**SUPPLIED MATERIAL**
****************

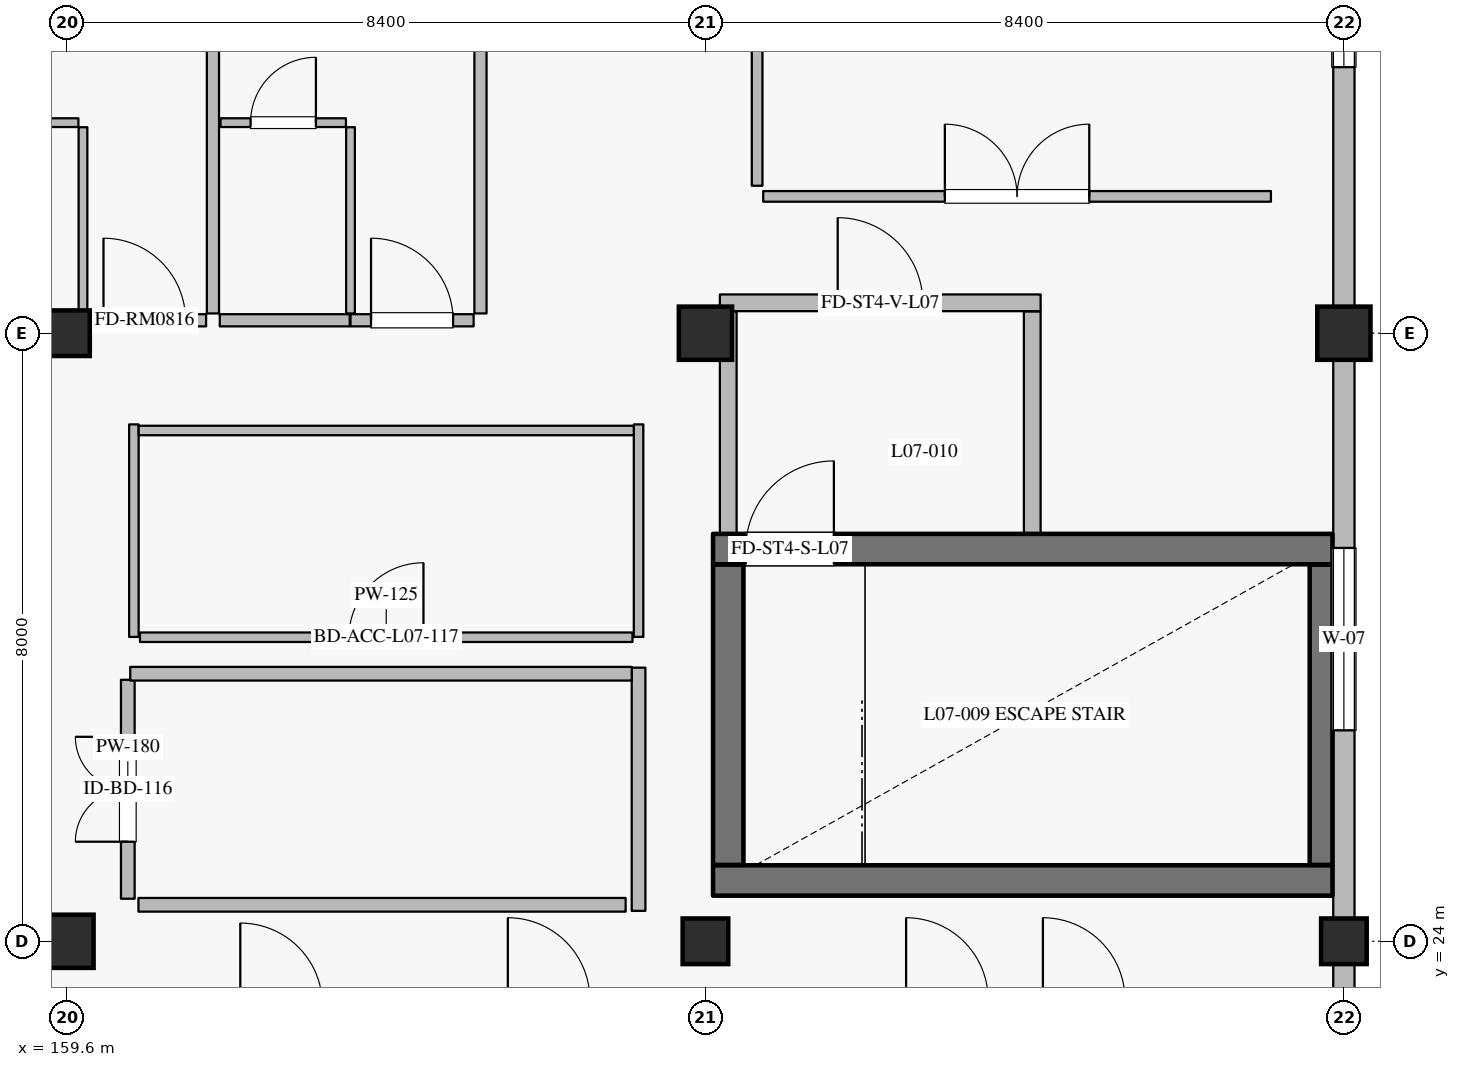
"""IFC4 building model, lengths in metres.
Left out: names, types, materials, properties, quantities, classifications, styles, units other than length and angle.
Written with IfcOpenShell. Run it as: python <this file> out.ifc"""

import sys

from ifc_helpers import new_model, si_unit, direction, frame, frame_2d, origin, origin_2d, place, context, subcontext, project, spatial, rectangle, extrude, element, fill, save


model = new_model("IFC4")
c1 = context("Model", 3, precision=1e-05, world=origin(), true_north=direction((0.0, 1.0)))
c2 = subcontext(c1, "Body", "Model", "MODEL_VIEW")
j1 = project(units=[si_unit("LENGTHUNIT", "METRE"), si_unit("PLANEANGLEUNIT", "RADIAN")], contexts=[c1])
p1 = place(None, origin())
s1 = spatial("IfcSite", under=j1, at=p1, CompositionType="ELEMENT")
p2 = place(p1, origin())
s2 = spatial("IfcBuilding", under=s1, at=p2, CompositionType="ELEMENT")
p3 = place(p2, frame((0.0, 0.0, 32.4)))
s3 = spatial("IfcBuildingStorey", under=s2, at=p3, CompositionType="ELEMENT", Elevation=32.4)
for number, where, z_axis, x_axis in (
    (1, (159.6, 24.0, 0.0), (0.0, 0.0, 1.0), (1.0, 0.0, 0.0)),
    (2, (168.0, 32.0, 0.0), (0.0, 0.0, 1.0), (1.0, 0.0, 0.0)),
    (3, (176.4, 32.0, 0.0), (0.0, 0.0, 1.0), (1.0, 0.0, 0.0)),
):
    element("IfcColumn", number, at=place(p3, frame(where, z_axis=z_axis, x_axis=x_axis)), inside=s3, PredefinedType="COLUMN", context=c2, shape_type="SweptSolid", body=[
        extrude(rectangle(XDim=0.7, YDim=0.7, at=origin_2d()), origin(), (0.0, 0.0, 1.0), 3.6),
    ])
for number, where, z_axis, x_axis in (
    (4, (159.6, 32.0, 0.0), (0.0, 0.0, 1.0), (1.0, 0.0, 0.0)),
    (5, (168.0, 24.0, 0.0), (0.0, 0.0, 1.0), (1.0, 0.0, 0.0)),
    (6, (176.4, 24.0, 0.0), (0.0, 0.0, 1.0), (1.0, 0.0, 0.0)),
):
    element("IfcColumn", number, at=place(p3, frame(where, z_axis=z_axis, x_axis=x_axis)), inside=s3, PredefinedType="COLUMN", context=c2, shape_type="SweptSolid", body=[
        extrude(rectangle(XDim=0.6, YDim=0.6, at=origin_2d()), origin(), (0.0, 0.0, 1.0), 3.6),
    ])
p4 = place(p3, frame((176.4, 39.7, 0.0), z_axis=(0.0, 0.0, 1.0), x_axis=(0.0, -1.0, 0.0)))
e7 = element("IfcWall", 7, at=p4, inside=s3, PredefinedType="SOLIDWALL", context=c2, shape_type="SweptSolid", body=[
    extrude(rectangle(XDim=7.35, YDim=0.28, at=frame_2d((3.675, 0.0))), origin(), (0.0, 0.0, 1.0), 2.7),
])
p5 = place(p4, frame((3.15, 0.0, 0.5)))
e8 = element("IfcOpeningElement", 8, at=p5, cuts=e7, PredefinedType="OPENING", context=c2, shape_type="SweptSolid", body=[
    extrude(rectangle(XDim=1.05, YDim=1.65, at=frame_2d((0.525, 0.825))), frame((0.0, 0.15, 0.0), z_axis=(0.0, -1.0, 0.0), x_axis=(1.0, 0.0, 0.0)), (0.0, 0.0, 1.0), 0.3),
])
p6 = place(p3, frame((176.4, 31.65, 0.0), z_axis=(0.0, 0.0, 1.0), x_axis=(0.0, -1.0, 0.0)))
e9 = element("IfcWall", 9, at=p6, inside=s3, PredefinedType="SOLIDWALL", context=c2, shape_type="SweptSolid", body=[
    extrude(rectangle(XDim=7.35, YDim=0.28, at=frame_2d((3.675, 0.0))), origin(), (0.0, 0.0, 1.0), 2.7),
])
p7 = place(p6, frame((2.475, 0.0, 0.5)))
e10 = element("IfcOpeningElement", 10, at=p7, cuts=e9, PredefinedType="OPENING", context=c2, shape_type="SweptSolid", body=[
    extrude(rectangle(XDim=2.4, YDim=1.65, at=frame_2d((1.2, 0.825))), frame((0.0, 0.15, 0.0), z_axis=(0.0, -1.0, 0.0), x_axis=(1.0, 0.0, 0.0)), (0.0, 0.0, 1.0), 0.3),
])
p8 = place(p3, frame((176.4, 23.7, 0.0), z_axis=(0.0, 0.0, 1.0), x_axis=(0.0, -1.0, 0.0)))
e11 = element("IfcWall", 11, at=p8, inside=s3, PredefinedType="SOLIDWALL", context=c2, shape_type="SweptSolid", body=[
    extrude(rectangle(XDim=7.35, YDim=0.28, at=frame_2d((3.675, 0.0))), origin(), (0.0, 0.0, 1.0), 2.7),
])
p9 = place(p8, frame((2.475, 0.0, 0.5)))
e12 = element("IfcOpeningElement", 12, at=p9, cuts=e11, PredefinedType="OPENING", context=c2, shape_type="SweptSolid", body=[
    extrude(rectangle(XDim=2.4, YDim=1.65, at=frame_2d((1.2, 0.825))), frame((0.0, 0.15, 0.0), z_axis=(0.0, -1.0, 0.0), x_axis=(1.0, 0.0, 0.0)), (0.0, 0.0, 1.0), 0.3),
])
p10 = place(p3, frame((168.1, 24.8, 0.0), z_axis=(0.0, 0.0, 1.0), x_axis=(1.0, 0.0, 0.0)))
e13 = element("IfcWall", 13, at=p10, inside=s3, PredefinedType="SHEAR", context=c2, shape_type="SweptSolid", body=[
    extrude(rectangle(XDim=8.15, YDim=0.4, at=frame_2d((4.075, 0.0))), origin(), (0.0, 0.0, 1.0), 3.335),
])
p11 = place(p3, frame((176.1, 25.005, 0.0), z_axis=(0.0, 0.0, 1.0), x_axis=(0.0, 1.0, 0.0)))
e14 = element("IfcWall", 14, at=p11, inside=s3, PredefinedType="SHEAR", context=c2, shape_type="SweptSolid", body=[
    extrude(rectangle(XDim=3.95, YDim=0.3, at=frame_2d((1.975, 0.0))), origin(), (0.0, 0.0, 1.0), 3.335),
])
p12 = place(p3, frame((168.1, 29.16, 0.0), z_axis=(0.0, 0.0, 1.0), x_axis=(1.0, 0.0, 0.0)))
e15 = element("IfcWall", 15, at=p12, inside=s3, PredefinedType="SHEAR", context=c2, shape_type="SweptSolid", body=[
    extrude(rectangle(XDim=8.15, YDim=0.4, at=frame_2d((4.075, 0.0))), origin(), (0.0, 0.0, 1.0), 3.335),
])
p13 = place(p12, frame((0.43, 0.0, 0.0)))
e16 = element("IfcOpeningElement", 16, at=p13, cuts=e15, PredefinedType="OPENING", context=c2, shape_type="SweptSolid", body=[
    extrude(rectangle(XDim=1.16, YDim=2.2, at=frame_2d((0.58, 1.1))), frame((0.0, 0.21, 0.0), z_axis=(0.0, -1.0, 0.0), x_axis=(1.0, 0.0, 0.0)), (0.0, 0.0, 1.0), 0.42),
])
p14 = place(p3, frame((168.3, 25.005, 0.0), z_axis=(0.0, 0.0, 1.0), x_axis=(0.0, 1.0, 0.0)))
e17 = element("IfcWall", 17, at=p14, inside=s3, PredefinedType="SHEAR", context=c2, shape_type="SweptSolid", body=[
    extrude(rectangle(XDim=3.95, YDim=0.4, at=frame_2d((1.975, 0.0))), origin(), (0.0, 0.0, 1.0), 3.335),
])
p15 = place(p3, frame((168.3, 29.365, 0.0), z_axis=(0.0, 0.0, 1.0), x_axis=(0.0, 1.0, 0.0)))
e18 = element("IfcWall", 18, at=p15, inside=s3, PredefinedType="PARTITIONING", context=c2, shape_type="SweptSolid", body=[
    extrude(rectangle(XDim=2.92, YDim=0.22, at=frame_2d((1.46, 0.0))), origin(), (0.0, 0.0, 1.0), 3.335),
])
p16 = place(p3, frame((168.19, 32.4, 0.0), z_axis=(0.0, 0.0, 1.0), x_axis=(1.0, 0.0, 0.0)))
e19 = element("IfcWall", 19, at=p16, inside=s3, PredefinedType="PARTITIONING", context=c2, shape_type="SweptSolid", body=[
    extrude(rectangle(XDim=4.22, YDim=0.22, at=frame_2d((2.11, 0.0))), origin(), (0.0, 0.0, 1.0), 3.335),
])
p17 = place(p16, frame((1.55, 0.0, 0.0)))
e20 = element("IfcOpeningElement", 20, at=p17, cuts=e19, PredefinedType="OPENING", context=c2, shape_type="SweptSolid", body=[
    extrude(rectangle(XDim=1.12, YDim=2.2, at=frame_2d((0.56, 1.1))), frame((0.0, 0.12, 0.0), z_axis=(0.0, -1.0, 0.0), x_axis=(1.0, 0.0, 0.0)), (0.0, 0.0, 1.0), 0.24),
])
p18 = place(p3, frame((172.3, 29.365, 0.0), z_axis=(0.0, 0.0, 1.0), x_axis=(0.0, 1.0, 0.0)))
e21 = element("IfcWall", 21, at=p18, inside=s3, PredefinedType="PARTITIONING", context=c2, shape_type="SweptSolid", body=[
    extrude(rectangle(XDim=2.92, YDim=0.22, at=frame_2d((1.46, 0.0))), origin(), (0.0, 0.0, 1.0), 3.335),
])
p19 = place(p3, frame((158.09, 32.17, 0.0), z_axis=(0.0, 0.0, 1.0), x_axis=(1.0, 0.0, 0.0)))
e22 = element("IfcWall", 22, at=p19, inside=s3, PredefinedType="PARTITIONING", context=c2, shape_type="SweptSolid", body=[
    extrude(rectangle(XDim=1.71, YDim=0.16, at=frame_2d((0.855, 0.0))), origin(), (0.0, 0.0, 1.0), 2.84),
])
p20 = place(p3, frame((159.81, 32.17, 0.0), z_axis=(0.0, 0.0, 1.0), x_axis=(1.0, 0.0, 0.0)))
e23 = element("IfcWall", 23, at=p20, inside=s3, PredefinedType="PARTITIONING", context=c2, shape_type="SweptSolid", body=[
    extrude(rectangle(XDim=1.62, YDim=0.16, at=frame_2d((0.81, 0.0))), origin(), (0.0, 0.0, 1.0), 3.335),
])
p21 = place(p20, frame((0.27, 0.0, 0.0)))
e24 = element("IfcOpeningElement", 24, at=p21, cuts=e23, PredefinedType="OPENING", context=c2, shape_type="SweptSolid", body=[
    extrude(rectangle(XDim=1.08, YDim=2.3, at=frame_2d((0.54, 1.15))), frame((0.0, 0.09, 0.0), z_axis=(0.0, -1.0, 0.0), x_axis=(1.0, 0.0, 0.0)), (0.0, 0.0, 1.0), 0.18),
])
p22 = place(p3, frame((159.81, 32.26, 0.0), z_axis=(0.0, 0.0, 1.0), x_axis=(0.0, 1.0, 0.0)))
e25 = element("IfcWall", 25, at=p22, inside=s3, PredefinedType="PARTITIONING", context=c2, shape_type="SweptSolid", body=[
    extrude(rectangle(XDim=2.45, YDim=0.115, at=frame_2d((1.225, 0.0))), origin(), (0.0, 0.0, 1.0), 2.74),
])
p23 = place(p3, frame((158.1, 34.77, 0.0), z_axis=(0.0, 0.0, 1.0), x_axis=(1.0, 0.0, 0.0)))
e26 = element("IfcWall", 26, at=p23, inside=s3, PredefinedType="PARTITIONING", context=c2, shape_type="SweptSolid", body=[
    extrude(rectangle(XDim=1.65, YDim=0.115, at=frame_2d((0.825, 0.0))), origin(), (0.0, 0.0, 1.0), 3.335),
])
p24 = place(p23, frame((0.395, 0.0, 0.0)))
e27 = element("IfcOpeningElement", 27, at=p24, cuts=e26, PredefinedType="OPENING", context=c2, shape_type="SweptSolid", body=[
    extrude(rectangle(XDim=0.86, YDim=2.12, at=frame_2d((0.43, 1.06))), frame((0.0, 0.067, 0.0), z_axis=(0.0, -1.0, 0.0), x_axis=(1.0, 0.0, 0.0)), (0.0, 0.0, 1.0), 0.135),
])
p25 = place(p3, frame((161.61, 32.17, 0.0), z_axis=(0.0, 0.0, 1.0), x_axis=(1.0, 0.0, 0.0)))
e28 = element("IfcWall", 28, at=p25, inside=s3, PredefinedType="PARTITIONING", context=c2, shape_type="SweptSolid", body=[
    extrude(rectangle(XDim=1.71, YDim=0.16, at=frame_2d((0.855, 0.0))), origin(), (0.0, 0.0, 1.0), 3.335),
])
p26 = place(p3, frame((163.33, 32.17, 0.0), z_axis=(0.0, 0.0, 1.0), x_axis=(1.0, 0.0, 0.0)))
e29 = element("IfcWall", 29, at=p26, inside=s3, PredefinedType="PARTITIONING", context=c2, shape_type="SweptSolid", body=[
    extrude(rectangle(XDim=1.62, YDim=0.16, at=frame_2d((0.81, 0.0))), origin(), (0.0, 0.0, 1.0), 3.335),
])
p27 = place(p26, frame((0.27, 0.0, 0.0)))
e30 = element("IfcOpeningElement", 30, at=p27, cuts=e29, PredefinedType="OPENING", context=c2, shape_type="SweptSolid", body=[
    extrude(rectangle(XDim=1.08, YDim=2.3, at=frame_2d((0.54, 1.15))), frame((0.0, 0.09, 0.0), z_axis=(0.0, -1.0, 0.0), x_axis=(1.0, 0.0, 0.0)), (0.0, 0.0, 1.0), 0.18),
])
p28 = place(p3, frame((163.33, 32.26, 0.0), z_axis=(0.0, 0.0, 1.0), x_axis=(0.0, 1.0, 0.0)))
e31 = element("IfcWall", 31, at=p28, inside=s3, PredefinedType="PARTITIONING", context=c2, shape_type="SweptSolid", body=[
    extrude(rectangle(XDim=2.45, YDim=0.115, at=frame_2d((1.225, 0.0))), origin(), (0.0, 0.0, 1.0), 3.335),
])
p29 = place(p3, frame((161.62, 34.77, 0.0), z_axis=(0.0, 0.0, 1.0), x_axis=(1.0, 0.0, 0.0)))
e32 = element("IfcWall", 32, at=p29, inside=s3, PredefinedType="PARTITIONING", context=c2, shape_type="SweptSolid", body=[
    extrude(rectangle(XDim=1.65, YDim=0.115, at=frame_2d((0.825, 0.0))), origin(), (0.0, 0.0, 1.0), 3.335),
])
p30 = place(p29, frame((0.395, 0.0, 0.0)))
e33 = element("IfcOpeningElement", 33, at=p30, cuts=e32, PredefinedType="OPENING", context=c2, shape_type="SweptSolid", body=[
    extrude(rectangle(XDim=0.86, YDim=2.12, at=frame_2d((0.43, 1.06))), frame((0.0, 0.067, 0.0), z_axis=(0.0, -1.0, 0.0), x_axis=(1.0, 0.0, 0.0)), (0.0, 0.0, 1.0), 0.135),
])
p31 = place(p3, frame((161.52, 32.26, 0.0), z_axis=(0.0, 0.0, 1.0), x_axis=(0.0, 1.0, 0.0)))
e34 = element("IfcWall", 34, at=p31, inside=s3, PredefinedType="PARTITIONING", context=c2, shape_type="SweptSolid", body=[
    extrude(rectangle(XDim=9.23, YDim=0.16, at=frame_2d((4.615, 0.0))), origin(), (0.0, 0.0, 1.0), 3.335),
])
p32 = place(p3, frame((165.04, 32.26, 0.0), z_axis=(0.0, 0.0, 1.0), x_axis=(0.0, 1.0, 0.0)))
e35 = element("IfcWall", 35, at=p32, inside=s3, PredefinedType="PARTITIONING", context=c2, shape_type="SweptSolid", body=[
    extrude(rectangle(XDim=8.64, YDim=0.16, at=frame_2d((4.32, 0.0))), origin(), (0.0, 0.0, 1.0), 3.335),
])
p33 = place(p3, frame((160.4, 24.56, 0.0), z_axis=(0.0, 0.0, 1.0), x_axis=(0.0, 1.0, 0.0)))
e36 = element("IfcWall", 36, at=p33, inside=s3, PredefinedType="PARTITIONING", context=c2, shape_type="SweptSolid", body=[
    extrude(rectangle(XDim=2.88, YDim=0.18, at=frame_2d((1.44, 0.0))), origin(), (0.0, 0.0, 1.0), 3.335),
])
p34 = place(p33, frame((0.75, 0.0, 0.0)))
e37 = element("IfcOpeningElement", 37, at=p34, cuts=e36, PredefinedType="OPENING", context=c2, shape_type="SweptSolid", body=[
    extrude(rectangle(XDim=1.38, YDim=2.3, at=frame_2d((0.69, 1.15))), frame((0.0, 0.1, 0.0), z_axis=(0.0, -1.0, 0.0), x_axis=(1.0, 0.0, 0.0)), (0.0, 0.0, 1.0), 0.2),
])
p35 = place(p3, frame((160.54, 24.48, 0.0), z_axis=(0.0, 0.0, 1.0), x_axis=(1.0, 0.0, 0.0)))
e38 = element("IfcWall", 38, at=p35, inside=s3, PredefinedType="PARTITIONING", context=c2, shape_type="SweptSolid", body=[
    extrude(rectangle(XDim=6.41, YDim=0.18, at=frame_2d((3.205, 0.0))), origin(), (0.0, 0.0, 1.0), 3.335),
])
p36 = place(p3, frame((160.56, 28.0, 0.0), z_axis=(0.0, 0.0, 1.0), x_axis=(1.0, 0.0, 0.0)))
e39 = element("IfcWall", 39, at=p36, inside=s3, PredefinedType="PARTITIONING", context=c2, shape_type="SweptSolid", body=[
    extrude(rectangle(XDim=6.48, YDim=0.125, at=frame_2d((3.24, 0.0))), origin(), (0.0, 0.0, 1.0), 3.335),
])
p37 = place(p36, frame((2.75, 0.0, 0.0)))
e40 = element("IfcOpeningElement", 40, at=p37, cuts=e39, PredefinedType="OPENING", context=c2, shape_type="SweptSolid", body=[
    extrude(rectangle(XDim=0.98, YDim=2.15, at=frame_2d((0.49, 1.075))), frame((0.0, 0.073, 0.0), z_axis=(0.0, -1.0, 0.0), x_axis=(1.0, 0.0, 0.0)), (0.0, 0.0, 1.0), 0.145),
])
p38 = place(p3, frame((168.76, 33.8, 0.0), z_axis=(0.0, 0.0, 1.0), x_axis=(1.0, 0.0, 0.0)))
e41 = element("IfcWall", 41, at=p38, inside=s3, PredefinedType="PARTITIONING", context=c2, shape_type="SweptSolid", body=[
    extrude(rectangle(XDim=6.68, YDim=0.14, at=frame_2d((3.34, 0.0))), origin(), (0.0, 0.0, 1.0), 3.335),
])
p39 = place(p38, frame((2.39, 0.0, 0.0)))
e42 = element("IfcOpeningElement", 42, at=p39, cuts=e41, PredefinedType="OPENING", context=c2, shape_type="SweptSolid", body=[
    extrude(rectangle(XDim=1.9, YDim=2.4, at=frame_2d((0.95, 1.2))), frame((0.0, 0.08, 0.0), z_axis=(0.0, -1.0, 0.0), x_axis=(1.0, 0.0, 0.0)), (0.0, 0.0, 1.0), 0.16),
])
p40 = place(p3, frame((168.68, 33.94, 0.0), z_axis=(0.0, 0.0, 1.0), x_axis=(0.0, 1.0, 0.0)))
e43 = element("IfcWall", 43, at=p40, inside=s3, PredefinedType="PARTITIONING", context=c2, shape_type="SweptSolid", body=[
    extrude(rectangle(XDim=4.61, YDim=0.14, at=frame_2d((2.305, 0.0))), origin(), (0.0, 0.0, 1.0), 3.335),
])
p41 = place(p3, frame((167.12, 24.4, 0.0), z_axis=(0.0, 0.0, 1.0), x_axis=(0.0, 1.0, 0.0)))
e44 = element("IfcWall", 44, at=p41, inside=s3, PredefinedType="PARTITIONING", context=c2, shape_type="SweptSolid", body=[
    extrude(rectangle(XDim=3.2, YDim=0.18, at=frame_2d((1.6, 0.0))), origin(), (0.0, 0.0, 1.0), 3.335),
])
p42 = place(p3, frame((160.432, 27.52, 0.0), z_axis=(0.0, 0.0, 1.0), x_axis=(1.0, 0.0, 0.0)))
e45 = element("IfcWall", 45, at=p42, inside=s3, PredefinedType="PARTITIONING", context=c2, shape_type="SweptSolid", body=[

****************

**DESCRIPTION OF THE TASK**
Check every line of the data, and copy the ones that contain "import".

**RESULT OF THE EXERCISE**
import sys
from ifc_helpers import new_model, si_unit, direction, frame, frame_2d, origin, origin_2d, place, context, subcontext, project, spatial, rectangle, extrude, element, fill, save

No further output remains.